Problem to work on: For the listing below, output exactly the lines from the line with "constraint coincidence P1 y-axis" up to and including the line with "constraint tangency L0 A0", and no other lines.
----
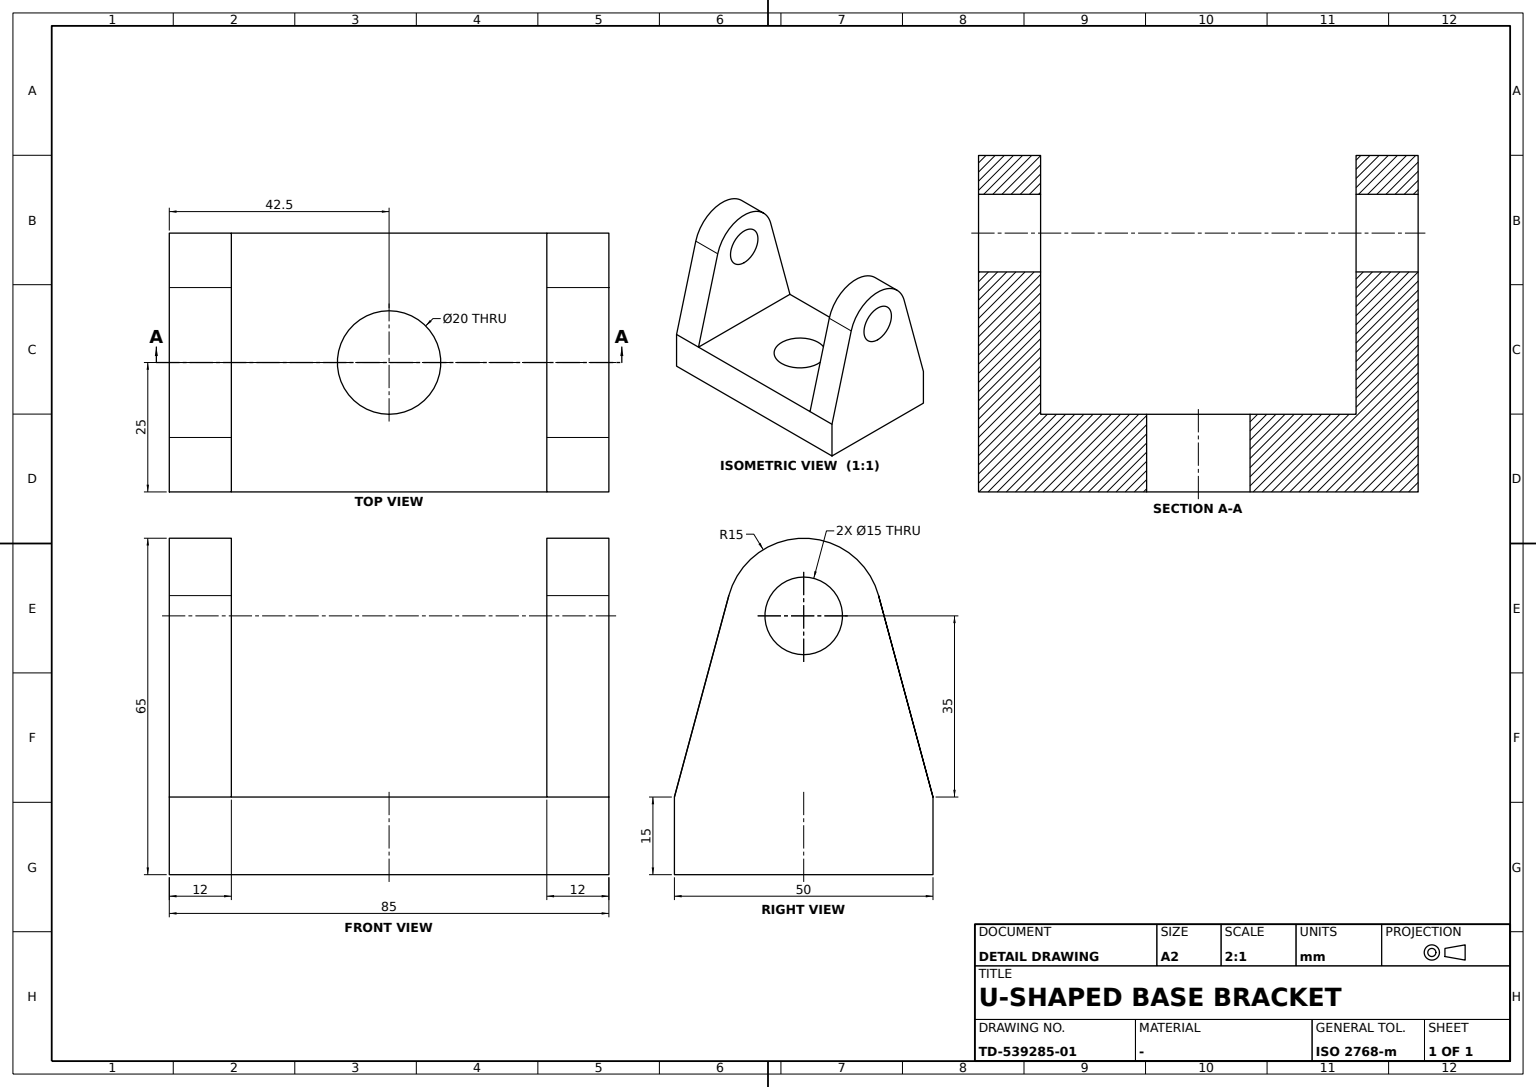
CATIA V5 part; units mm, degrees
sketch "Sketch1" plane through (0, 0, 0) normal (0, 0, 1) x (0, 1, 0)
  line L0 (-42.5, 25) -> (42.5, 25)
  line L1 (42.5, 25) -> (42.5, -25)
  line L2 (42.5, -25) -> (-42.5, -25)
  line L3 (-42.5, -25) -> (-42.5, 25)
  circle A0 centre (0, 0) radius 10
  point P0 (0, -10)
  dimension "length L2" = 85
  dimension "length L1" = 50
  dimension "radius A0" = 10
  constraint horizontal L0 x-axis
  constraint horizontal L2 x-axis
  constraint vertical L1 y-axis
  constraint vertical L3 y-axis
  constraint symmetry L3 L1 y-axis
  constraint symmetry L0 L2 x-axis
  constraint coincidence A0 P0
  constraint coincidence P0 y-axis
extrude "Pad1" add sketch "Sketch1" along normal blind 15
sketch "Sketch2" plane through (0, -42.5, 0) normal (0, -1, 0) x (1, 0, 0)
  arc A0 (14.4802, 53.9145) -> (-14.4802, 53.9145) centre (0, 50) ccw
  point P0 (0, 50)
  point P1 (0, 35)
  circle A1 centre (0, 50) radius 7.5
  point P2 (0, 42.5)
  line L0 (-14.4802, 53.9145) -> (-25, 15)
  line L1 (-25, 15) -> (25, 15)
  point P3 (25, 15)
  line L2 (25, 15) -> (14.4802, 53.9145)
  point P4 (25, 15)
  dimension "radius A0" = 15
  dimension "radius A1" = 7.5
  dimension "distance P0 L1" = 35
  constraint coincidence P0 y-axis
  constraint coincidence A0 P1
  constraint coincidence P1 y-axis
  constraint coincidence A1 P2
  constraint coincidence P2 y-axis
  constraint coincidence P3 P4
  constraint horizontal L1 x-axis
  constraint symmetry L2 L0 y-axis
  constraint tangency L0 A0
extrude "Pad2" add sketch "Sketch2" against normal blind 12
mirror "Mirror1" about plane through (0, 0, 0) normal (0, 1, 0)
----
Answer section:
  constraint coincidence P1 y-axis
  constraint coincidence A1 P2
  constraint coincidence P2 y-axis
  constraint coincidence P3 P4
  constraint horizontal L1 x-axis
  constraint symmetry L2 L0 y-axis
  constraint tangency L0 A0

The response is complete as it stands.